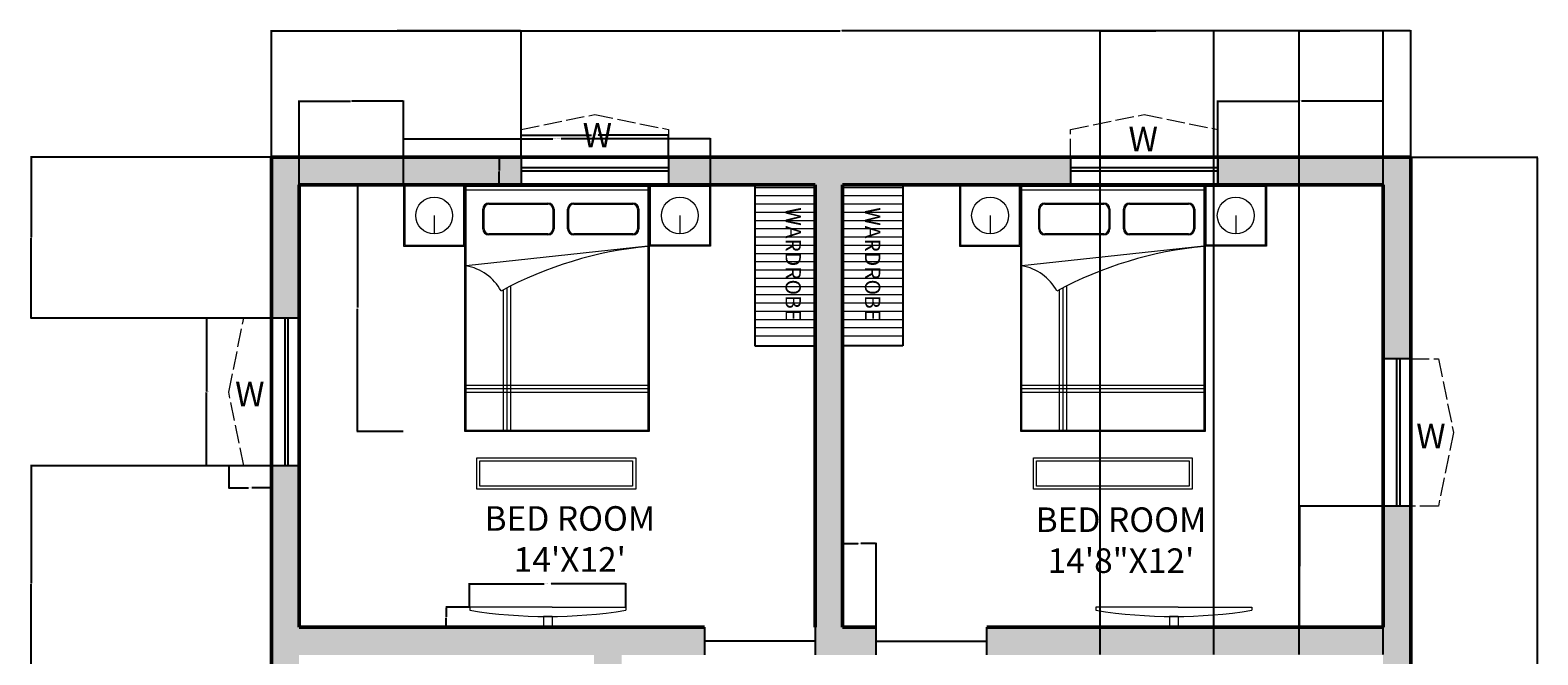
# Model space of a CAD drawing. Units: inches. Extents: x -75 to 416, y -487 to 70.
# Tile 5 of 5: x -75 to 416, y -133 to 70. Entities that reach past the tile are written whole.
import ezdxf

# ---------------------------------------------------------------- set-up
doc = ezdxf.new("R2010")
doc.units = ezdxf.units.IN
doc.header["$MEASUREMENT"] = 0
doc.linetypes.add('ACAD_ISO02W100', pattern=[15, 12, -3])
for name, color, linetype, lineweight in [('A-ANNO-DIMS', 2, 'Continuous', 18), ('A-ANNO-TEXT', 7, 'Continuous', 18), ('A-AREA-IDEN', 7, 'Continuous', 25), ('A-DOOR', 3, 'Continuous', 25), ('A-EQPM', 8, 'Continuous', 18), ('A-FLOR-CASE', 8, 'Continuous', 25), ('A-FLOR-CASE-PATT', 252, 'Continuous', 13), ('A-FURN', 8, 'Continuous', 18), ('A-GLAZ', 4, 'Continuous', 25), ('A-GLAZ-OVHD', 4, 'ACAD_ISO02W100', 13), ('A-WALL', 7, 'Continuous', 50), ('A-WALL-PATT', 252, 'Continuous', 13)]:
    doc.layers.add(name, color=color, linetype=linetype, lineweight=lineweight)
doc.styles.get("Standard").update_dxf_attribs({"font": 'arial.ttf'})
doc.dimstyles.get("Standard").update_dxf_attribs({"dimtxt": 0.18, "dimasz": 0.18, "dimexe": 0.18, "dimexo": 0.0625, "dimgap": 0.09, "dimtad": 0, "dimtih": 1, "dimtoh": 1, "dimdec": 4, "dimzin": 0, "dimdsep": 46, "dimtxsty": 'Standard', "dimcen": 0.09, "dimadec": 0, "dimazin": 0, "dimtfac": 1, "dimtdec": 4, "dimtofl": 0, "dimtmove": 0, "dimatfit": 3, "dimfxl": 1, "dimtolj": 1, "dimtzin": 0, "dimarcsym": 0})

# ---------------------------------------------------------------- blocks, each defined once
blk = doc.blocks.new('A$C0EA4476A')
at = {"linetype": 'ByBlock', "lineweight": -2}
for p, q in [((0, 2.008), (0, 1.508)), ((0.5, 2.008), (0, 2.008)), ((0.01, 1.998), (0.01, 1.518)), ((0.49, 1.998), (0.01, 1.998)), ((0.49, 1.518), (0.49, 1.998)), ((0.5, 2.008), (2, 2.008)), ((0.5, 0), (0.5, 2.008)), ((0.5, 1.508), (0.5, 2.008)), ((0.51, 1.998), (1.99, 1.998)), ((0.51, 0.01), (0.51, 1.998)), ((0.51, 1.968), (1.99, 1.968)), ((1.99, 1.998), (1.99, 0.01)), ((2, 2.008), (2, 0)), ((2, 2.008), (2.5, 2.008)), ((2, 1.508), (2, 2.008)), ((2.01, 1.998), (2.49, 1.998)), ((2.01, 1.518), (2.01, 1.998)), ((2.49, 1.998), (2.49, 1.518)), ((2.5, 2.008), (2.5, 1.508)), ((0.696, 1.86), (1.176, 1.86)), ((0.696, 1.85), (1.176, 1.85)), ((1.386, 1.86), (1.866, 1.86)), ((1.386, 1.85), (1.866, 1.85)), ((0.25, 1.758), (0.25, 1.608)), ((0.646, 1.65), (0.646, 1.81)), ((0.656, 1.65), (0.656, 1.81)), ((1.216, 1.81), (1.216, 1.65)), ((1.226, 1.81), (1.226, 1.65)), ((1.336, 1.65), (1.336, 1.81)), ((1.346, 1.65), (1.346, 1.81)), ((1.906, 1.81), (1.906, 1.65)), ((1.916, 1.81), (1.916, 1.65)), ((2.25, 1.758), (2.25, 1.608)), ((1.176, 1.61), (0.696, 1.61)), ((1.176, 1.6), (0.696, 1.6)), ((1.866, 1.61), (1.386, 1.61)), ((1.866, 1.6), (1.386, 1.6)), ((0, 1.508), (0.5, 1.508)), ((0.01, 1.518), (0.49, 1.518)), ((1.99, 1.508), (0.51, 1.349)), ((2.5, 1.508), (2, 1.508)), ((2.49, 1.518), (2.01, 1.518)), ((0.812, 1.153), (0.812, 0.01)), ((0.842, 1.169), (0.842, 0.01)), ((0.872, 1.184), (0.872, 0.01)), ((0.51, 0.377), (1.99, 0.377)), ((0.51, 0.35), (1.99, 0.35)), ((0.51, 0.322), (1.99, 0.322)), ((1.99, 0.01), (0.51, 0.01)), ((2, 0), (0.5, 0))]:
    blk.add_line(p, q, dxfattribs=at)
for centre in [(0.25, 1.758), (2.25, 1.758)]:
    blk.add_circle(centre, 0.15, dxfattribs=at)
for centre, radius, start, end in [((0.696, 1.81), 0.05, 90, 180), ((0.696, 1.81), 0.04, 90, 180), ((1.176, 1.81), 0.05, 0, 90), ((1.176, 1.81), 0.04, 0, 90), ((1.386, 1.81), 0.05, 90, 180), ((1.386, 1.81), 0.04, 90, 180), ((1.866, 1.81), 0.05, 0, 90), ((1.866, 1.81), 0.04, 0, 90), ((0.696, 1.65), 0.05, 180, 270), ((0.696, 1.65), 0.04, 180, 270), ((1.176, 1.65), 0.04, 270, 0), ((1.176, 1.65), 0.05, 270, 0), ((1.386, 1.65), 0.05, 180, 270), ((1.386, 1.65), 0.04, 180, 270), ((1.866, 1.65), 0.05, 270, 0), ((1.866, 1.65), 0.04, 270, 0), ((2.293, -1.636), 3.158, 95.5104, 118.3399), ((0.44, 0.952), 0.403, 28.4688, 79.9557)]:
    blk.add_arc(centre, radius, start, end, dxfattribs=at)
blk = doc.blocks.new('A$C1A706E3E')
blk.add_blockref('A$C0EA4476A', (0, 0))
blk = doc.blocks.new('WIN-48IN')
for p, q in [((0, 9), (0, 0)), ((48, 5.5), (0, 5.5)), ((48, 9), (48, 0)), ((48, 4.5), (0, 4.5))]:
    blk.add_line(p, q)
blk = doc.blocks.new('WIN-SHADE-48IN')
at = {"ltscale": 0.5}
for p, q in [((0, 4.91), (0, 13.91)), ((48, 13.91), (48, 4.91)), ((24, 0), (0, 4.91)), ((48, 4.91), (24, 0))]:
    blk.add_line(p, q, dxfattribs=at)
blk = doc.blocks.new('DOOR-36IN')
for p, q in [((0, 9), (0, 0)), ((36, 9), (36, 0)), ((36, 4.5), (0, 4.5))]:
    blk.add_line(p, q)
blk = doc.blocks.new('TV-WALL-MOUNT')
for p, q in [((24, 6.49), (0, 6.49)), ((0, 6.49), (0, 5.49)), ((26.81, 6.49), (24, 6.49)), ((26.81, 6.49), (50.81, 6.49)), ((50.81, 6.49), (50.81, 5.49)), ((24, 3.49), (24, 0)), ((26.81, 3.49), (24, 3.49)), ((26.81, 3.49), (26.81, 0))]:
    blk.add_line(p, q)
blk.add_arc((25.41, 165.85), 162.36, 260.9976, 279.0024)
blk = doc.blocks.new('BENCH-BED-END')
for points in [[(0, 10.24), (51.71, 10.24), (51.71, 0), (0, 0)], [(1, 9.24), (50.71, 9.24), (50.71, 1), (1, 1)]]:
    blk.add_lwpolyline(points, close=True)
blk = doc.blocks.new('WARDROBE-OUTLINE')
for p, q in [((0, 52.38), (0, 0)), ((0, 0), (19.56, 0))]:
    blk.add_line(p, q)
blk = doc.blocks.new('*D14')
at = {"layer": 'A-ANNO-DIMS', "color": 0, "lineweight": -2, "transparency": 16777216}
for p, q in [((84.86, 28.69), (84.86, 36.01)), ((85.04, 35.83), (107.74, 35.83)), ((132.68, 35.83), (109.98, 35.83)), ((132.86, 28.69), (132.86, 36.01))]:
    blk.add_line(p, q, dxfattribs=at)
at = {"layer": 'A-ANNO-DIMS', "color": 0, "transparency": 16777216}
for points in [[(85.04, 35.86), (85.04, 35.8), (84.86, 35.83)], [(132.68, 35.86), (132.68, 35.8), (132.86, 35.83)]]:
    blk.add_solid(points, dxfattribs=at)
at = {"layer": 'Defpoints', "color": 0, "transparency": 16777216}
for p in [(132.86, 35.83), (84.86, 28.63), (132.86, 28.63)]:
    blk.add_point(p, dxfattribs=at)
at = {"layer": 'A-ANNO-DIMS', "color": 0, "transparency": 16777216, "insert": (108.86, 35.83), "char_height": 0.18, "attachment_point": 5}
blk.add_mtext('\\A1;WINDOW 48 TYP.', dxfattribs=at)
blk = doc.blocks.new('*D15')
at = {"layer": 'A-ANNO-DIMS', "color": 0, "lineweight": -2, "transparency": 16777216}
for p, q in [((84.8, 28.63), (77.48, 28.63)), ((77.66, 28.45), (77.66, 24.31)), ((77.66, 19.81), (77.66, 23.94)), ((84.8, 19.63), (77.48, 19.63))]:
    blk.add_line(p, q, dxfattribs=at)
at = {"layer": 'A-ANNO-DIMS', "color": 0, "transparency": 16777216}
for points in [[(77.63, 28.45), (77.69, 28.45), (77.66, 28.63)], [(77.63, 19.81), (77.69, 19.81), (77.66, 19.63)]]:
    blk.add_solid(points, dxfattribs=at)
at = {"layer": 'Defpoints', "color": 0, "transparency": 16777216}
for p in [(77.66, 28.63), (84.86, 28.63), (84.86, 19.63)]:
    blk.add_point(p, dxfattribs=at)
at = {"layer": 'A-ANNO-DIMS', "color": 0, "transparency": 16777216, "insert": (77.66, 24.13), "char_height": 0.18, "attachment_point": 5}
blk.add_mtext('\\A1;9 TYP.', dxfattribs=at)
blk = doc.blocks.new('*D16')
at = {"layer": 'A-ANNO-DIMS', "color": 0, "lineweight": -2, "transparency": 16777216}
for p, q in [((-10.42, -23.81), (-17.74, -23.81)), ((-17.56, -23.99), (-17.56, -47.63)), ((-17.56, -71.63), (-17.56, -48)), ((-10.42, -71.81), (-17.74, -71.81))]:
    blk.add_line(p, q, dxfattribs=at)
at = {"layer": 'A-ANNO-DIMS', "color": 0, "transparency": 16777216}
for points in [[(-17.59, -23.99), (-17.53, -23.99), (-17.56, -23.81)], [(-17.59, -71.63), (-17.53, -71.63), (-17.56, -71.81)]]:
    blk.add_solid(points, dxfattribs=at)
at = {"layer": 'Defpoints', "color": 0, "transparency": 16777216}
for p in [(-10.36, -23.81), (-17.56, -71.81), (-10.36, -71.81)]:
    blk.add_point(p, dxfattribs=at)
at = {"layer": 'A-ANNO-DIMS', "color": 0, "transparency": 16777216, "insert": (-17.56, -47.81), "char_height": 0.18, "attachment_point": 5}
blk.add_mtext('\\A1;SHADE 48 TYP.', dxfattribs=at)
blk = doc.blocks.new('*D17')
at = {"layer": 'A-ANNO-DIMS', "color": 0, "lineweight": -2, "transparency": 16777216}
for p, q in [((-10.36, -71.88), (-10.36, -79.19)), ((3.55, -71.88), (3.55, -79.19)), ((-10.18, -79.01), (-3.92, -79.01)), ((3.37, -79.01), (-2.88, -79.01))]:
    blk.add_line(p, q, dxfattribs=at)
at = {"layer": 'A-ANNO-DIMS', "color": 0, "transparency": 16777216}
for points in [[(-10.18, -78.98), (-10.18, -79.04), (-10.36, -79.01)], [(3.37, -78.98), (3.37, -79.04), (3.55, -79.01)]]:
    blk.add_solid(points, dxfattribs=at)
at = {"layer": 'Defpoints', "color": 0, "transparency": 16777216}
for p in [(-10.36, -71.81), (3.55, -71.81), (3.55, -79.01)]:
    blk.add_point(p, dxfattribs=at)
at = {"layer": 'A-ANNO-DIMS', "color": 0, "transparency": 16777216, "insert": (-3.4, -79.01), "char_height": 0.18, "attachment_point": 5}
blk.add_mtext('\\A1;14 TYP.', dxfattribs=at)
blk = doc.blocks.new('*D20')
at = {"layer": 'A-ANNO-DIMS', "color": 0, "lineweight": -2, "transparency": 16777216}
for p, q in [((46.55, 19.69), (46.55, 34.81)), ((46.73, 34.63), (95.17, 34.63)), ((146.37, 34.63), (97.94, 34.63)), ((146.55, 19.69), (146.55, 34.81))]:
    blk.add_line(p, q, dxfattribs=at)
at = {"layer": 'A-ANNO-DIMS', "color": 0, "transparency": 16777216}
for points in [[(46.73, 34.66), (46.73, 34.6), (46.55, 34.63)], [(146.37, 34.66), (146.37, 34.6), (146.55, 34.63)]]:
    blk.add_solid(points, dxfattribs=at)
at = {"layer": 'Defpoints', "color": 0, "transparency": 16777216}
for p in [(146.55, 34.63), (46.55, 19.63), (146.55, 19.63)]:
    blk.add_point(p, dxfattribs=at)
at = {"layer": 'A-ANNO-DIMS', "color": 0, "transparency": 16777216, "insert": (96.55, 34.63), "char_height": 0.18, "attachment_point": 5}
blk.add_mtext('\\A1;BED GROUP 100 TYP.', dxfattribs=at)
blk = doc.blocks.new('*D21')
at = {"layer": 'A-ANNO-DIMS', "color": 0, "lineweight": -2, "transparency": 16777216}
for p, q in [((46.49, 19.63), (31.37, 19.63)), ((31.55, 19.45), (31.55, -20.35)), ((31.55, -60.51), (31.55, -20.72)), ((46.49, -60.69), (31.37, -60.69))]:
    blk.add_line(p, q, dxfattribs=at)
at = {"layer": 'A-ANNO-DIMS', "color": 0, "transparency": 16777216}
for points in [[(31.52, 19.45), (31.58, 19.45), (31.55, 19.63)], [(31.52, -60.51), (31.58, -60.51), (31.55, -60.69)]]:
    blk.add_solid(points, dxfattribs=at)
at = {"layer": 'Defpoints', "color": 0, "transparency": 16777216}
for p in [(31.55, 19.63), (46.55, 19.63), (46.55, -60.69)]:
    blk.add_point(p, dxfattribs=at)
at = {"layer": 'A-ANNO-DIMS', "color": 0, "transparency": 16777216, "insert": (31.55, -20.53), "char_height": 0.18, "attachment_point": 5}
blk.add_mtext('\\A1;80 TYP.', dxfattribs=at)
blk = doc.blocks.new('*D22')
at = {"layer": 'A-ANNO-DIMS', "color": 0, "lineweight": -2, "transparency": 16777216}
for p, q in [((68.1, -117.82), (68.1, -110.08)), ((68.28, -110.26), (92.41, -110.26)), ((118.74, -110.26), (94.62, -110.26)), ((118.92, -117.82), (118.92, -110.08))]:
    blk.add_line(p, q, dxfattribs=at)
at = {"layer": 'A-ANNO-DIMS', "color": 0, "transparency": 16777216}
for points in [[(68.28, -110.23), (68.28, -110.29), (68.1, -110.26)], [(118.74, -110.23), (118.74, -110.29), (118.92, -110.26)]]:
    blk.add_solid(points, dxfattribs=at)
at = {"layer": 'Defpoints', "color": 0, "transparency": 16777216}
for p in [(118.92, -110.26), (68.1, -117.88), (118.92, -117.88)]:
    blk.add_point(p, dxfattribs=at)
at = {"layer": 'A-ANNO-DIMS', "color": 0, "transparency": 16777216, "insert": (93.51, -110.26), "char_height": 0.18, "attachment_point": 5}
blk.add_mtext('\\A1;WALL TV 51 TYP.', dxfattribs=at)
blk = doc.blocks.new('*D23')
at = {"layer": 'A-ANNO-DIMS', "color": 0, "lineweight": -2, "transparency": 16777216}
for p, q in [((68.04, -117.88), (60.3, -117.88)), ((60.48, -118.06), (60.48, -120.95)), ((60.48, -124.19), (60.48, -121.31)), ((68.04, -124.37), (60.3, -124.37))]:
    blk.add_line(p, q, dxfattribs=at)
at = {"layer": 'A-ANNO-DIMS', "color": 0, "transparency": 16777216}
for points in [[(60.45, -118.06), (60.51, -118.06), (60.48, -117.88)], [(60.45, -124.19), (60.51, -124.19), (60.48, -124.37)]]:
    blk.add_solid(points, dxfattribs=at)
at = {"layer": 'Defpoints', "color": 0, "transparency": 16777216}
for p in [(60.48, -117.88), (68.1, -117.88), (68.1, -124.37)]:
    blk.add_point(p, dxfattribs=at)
+ + + + +
▶ About this task:
Note how many lines in the listing above hold the string "SHADE", then give only that figure.

▶ Task answer:
2